**Dataset entries**
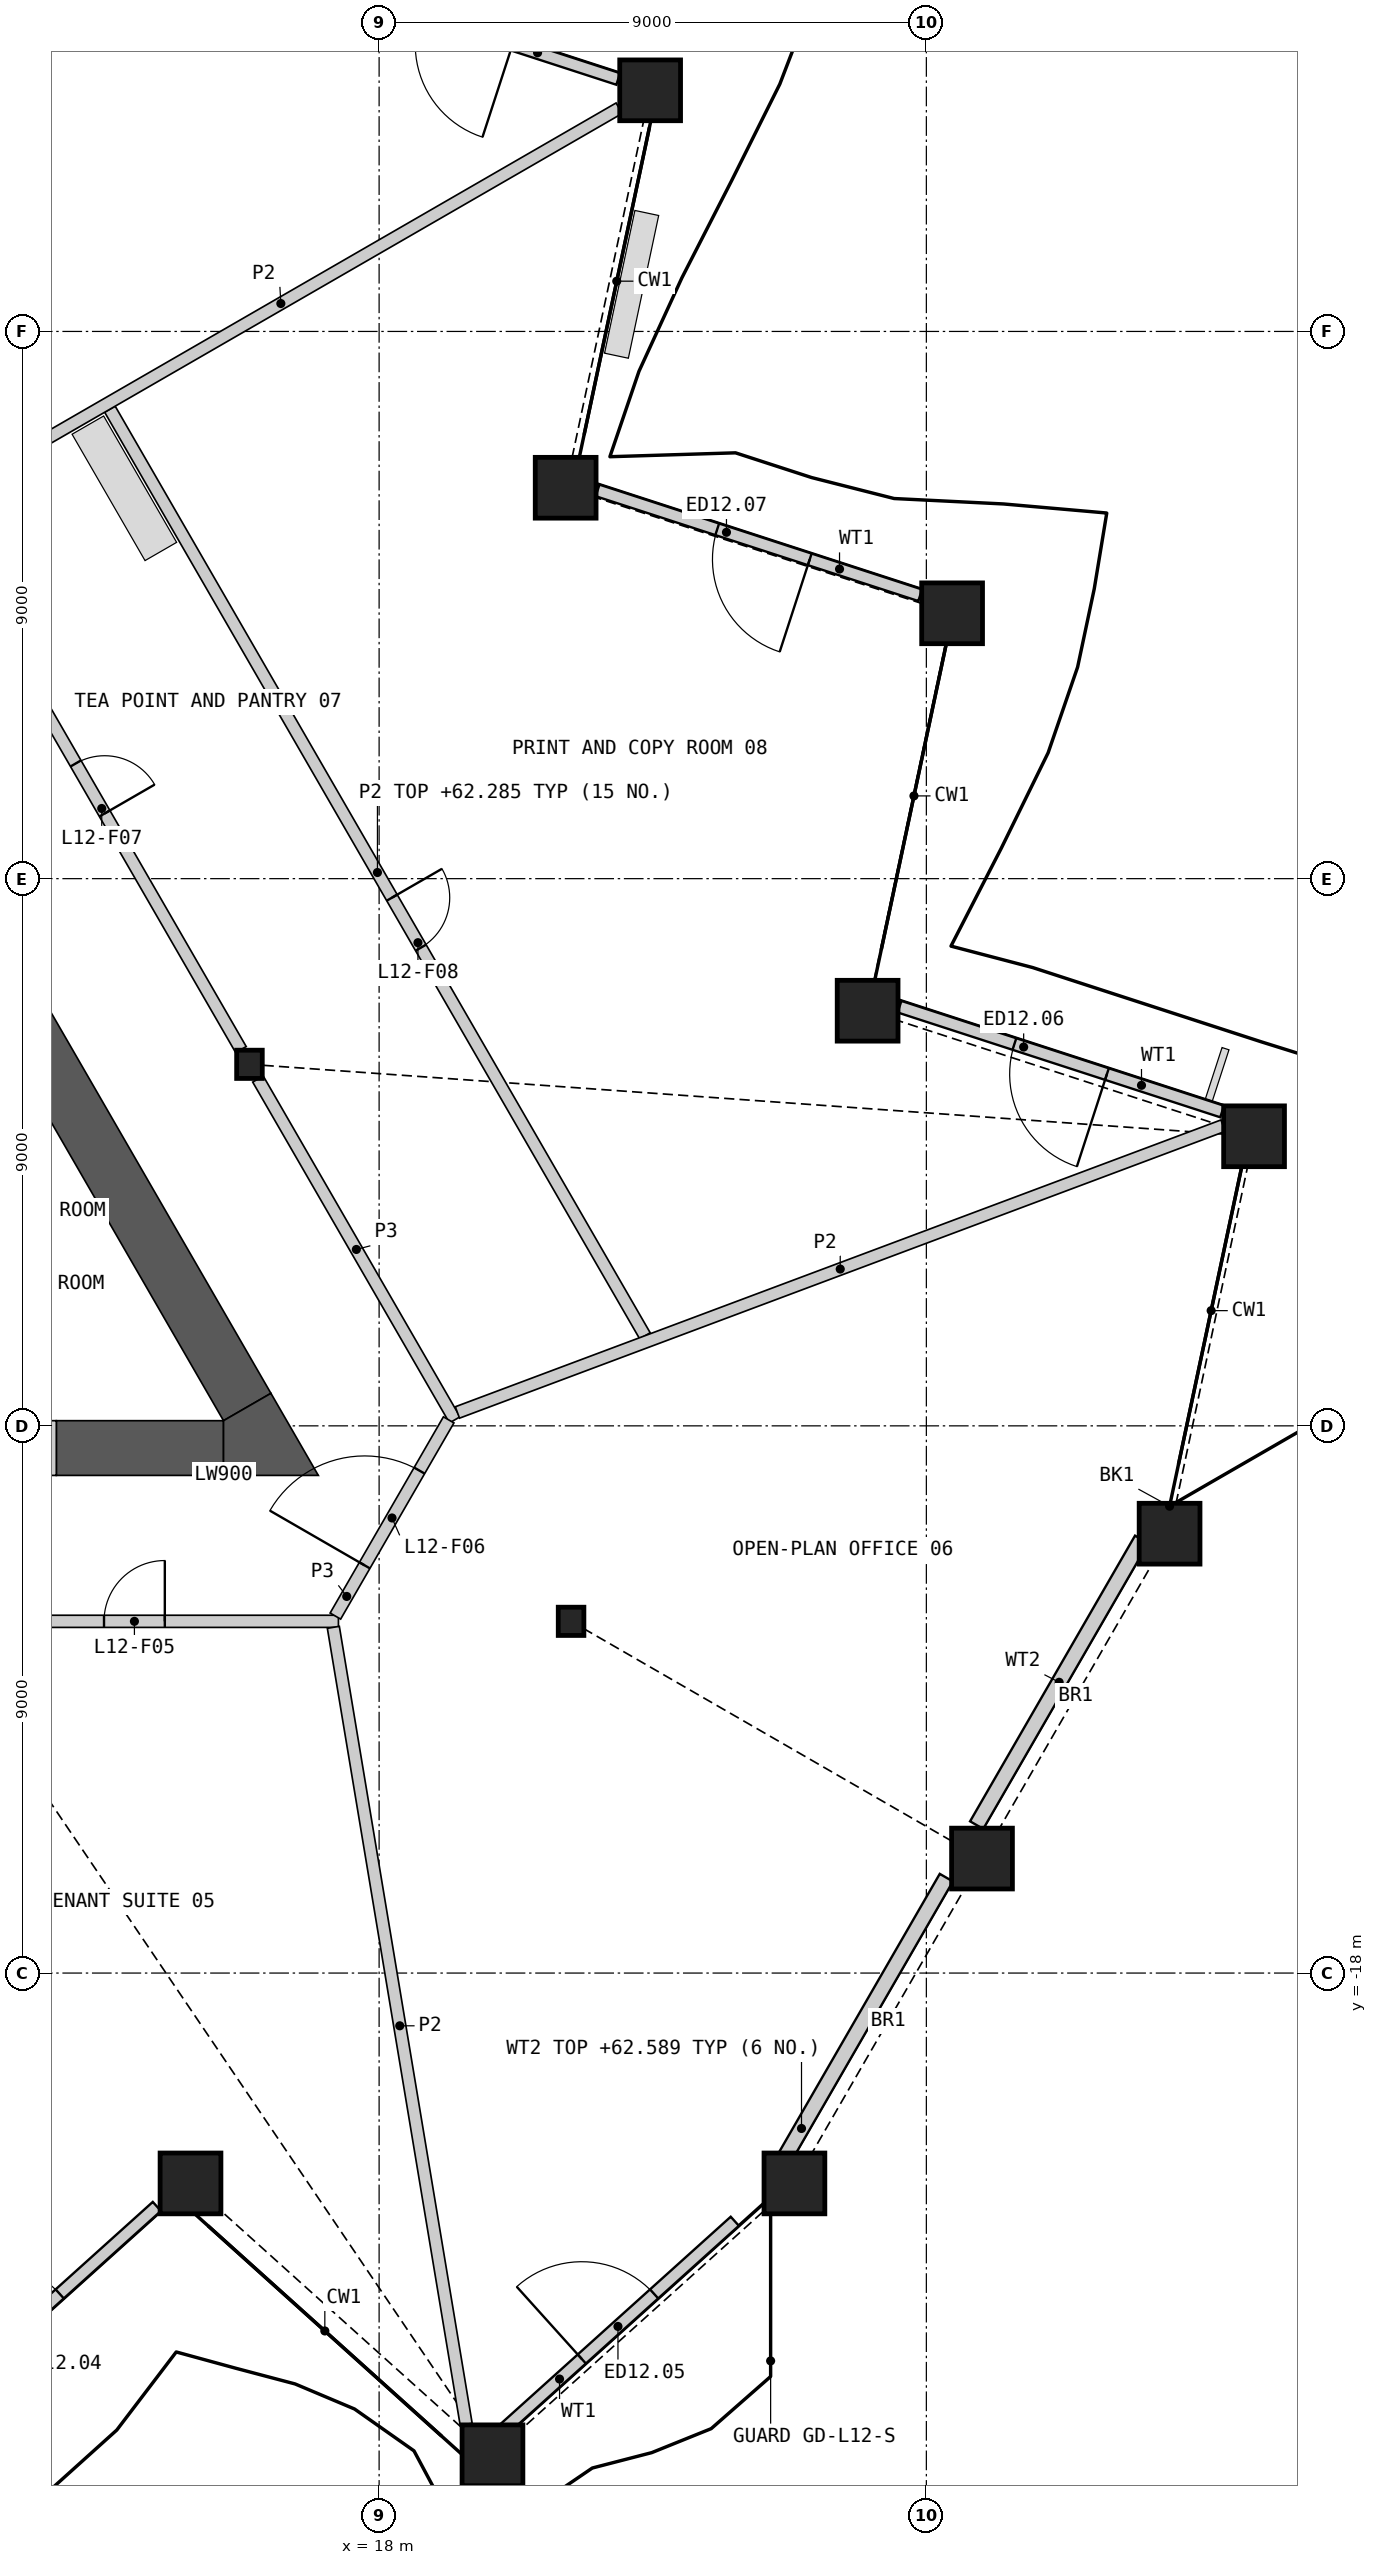
"""IFC4 building model, lengths in metres.
Left out: names, types, materials, properties, quantities, classifications, styles, units other than length and angle.
Written with IfcOpenShell. Run it as: python <this file> out.ifc"""

import sys

from ifc_helpers import new_model, si_unit, direction, frame, frame_2d, origin, origin_2d, place, context, subcontext, project, spatial, polyline, rectangle, hollow_rectangle, i_section, outline, extrude, element, fill, save


model = new_model("IFC4")
c1 = context("Model", 3, precision=1e-05, world=origin(), true_north=direction((0.0, 1.0)))
c2 = subcontext(c1, "Body", "Model", "MODEL_VIEW")
j1 = project(units=[si_unit("LENGTHUNIT", "METRE"), si_unit("PLANEANGLEUNIT", "RADIAN")], contexts=[c1])
p1 = place(None, origin())
s1 = spatial("IfcSite", under=j1, at=p1, CompositionType="ELEMENT")
p2 = place(p1, origin())
s2 = spatial("IfcBuilding", under=s1, at=p2, CompositionType="ELEMENT")
p3 = place(p2, frame((0.0, 0.0, 59.4)))
s3 = spatial("IfcBuildingStorey", under=s2, at=p3, CompositionType="ELEMENT", Elevation=59.4)
for number, where, z_axis, x_axis in (
    (1, (14.898, -21.46, 0.0), (0.0, 0.0, 1.0), (1.0, 0.0, 0.0)),
    (2, (19.864, -25.931, 0.0), (0.0, 0.0, 1.0), (1.0, 0.0, 0.0)),
    (3, (24.83, -21.46, 0.0), (0.0, 0.0, 1.0), (1.0, 0.0, 0.0)),
    (4, (27.915, -16.117, 0.0), (0.0, 0.0, 1.0), (1.0, 0.0, 0.0)),
    (5, (31.0, -10.774, 0.0), (0.0, 0.0, 1.0), (1.0, 0.0, 0.0)),
    (6, (32.389, -4.237, 0.0), (0.0, 0.0, 1.0), (1.0, 0.0, 0.0)),
    (7, (26.034, -2.172, 0.0), (0.0, 0.0, 1.0), (1.0, 0.0, 0.0)),
    (8, (27.423, 4.364, 0.0), (0.0, 0.0, 1.0), (1.0, 0.0, 0.0)),
    (9, (21.068, 6.429, 0.0), (0.0, 0.0, 1.0), (1.0, 0.0, 0.0)),
    (10, (22.457, 12.966, 0.0), (0.0, 0.0, 1.0), (1.0, 0.0, 0.0)),
):
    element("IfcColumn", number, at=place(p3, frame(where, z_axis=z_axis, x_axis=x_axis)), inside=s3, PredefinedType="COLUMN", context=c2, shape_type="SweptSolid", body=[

**PROBLEM REQUIREMENTS**
Filter the lines above, keeping each one that contains the string "under".

**WRITTEN SOLUTION**
s1 = spatial("IfcSite", under=j1, at=p1, CompositionType="ELEMENT")
s2 = spatial("IfcBuilding", under=s1, at=p2, CompositionType="ELEMENT")
s3 = spatial("IfcBuildingStorey", under=s2, at=p3, CompositionType="ELEMENT", Elevation=59.4)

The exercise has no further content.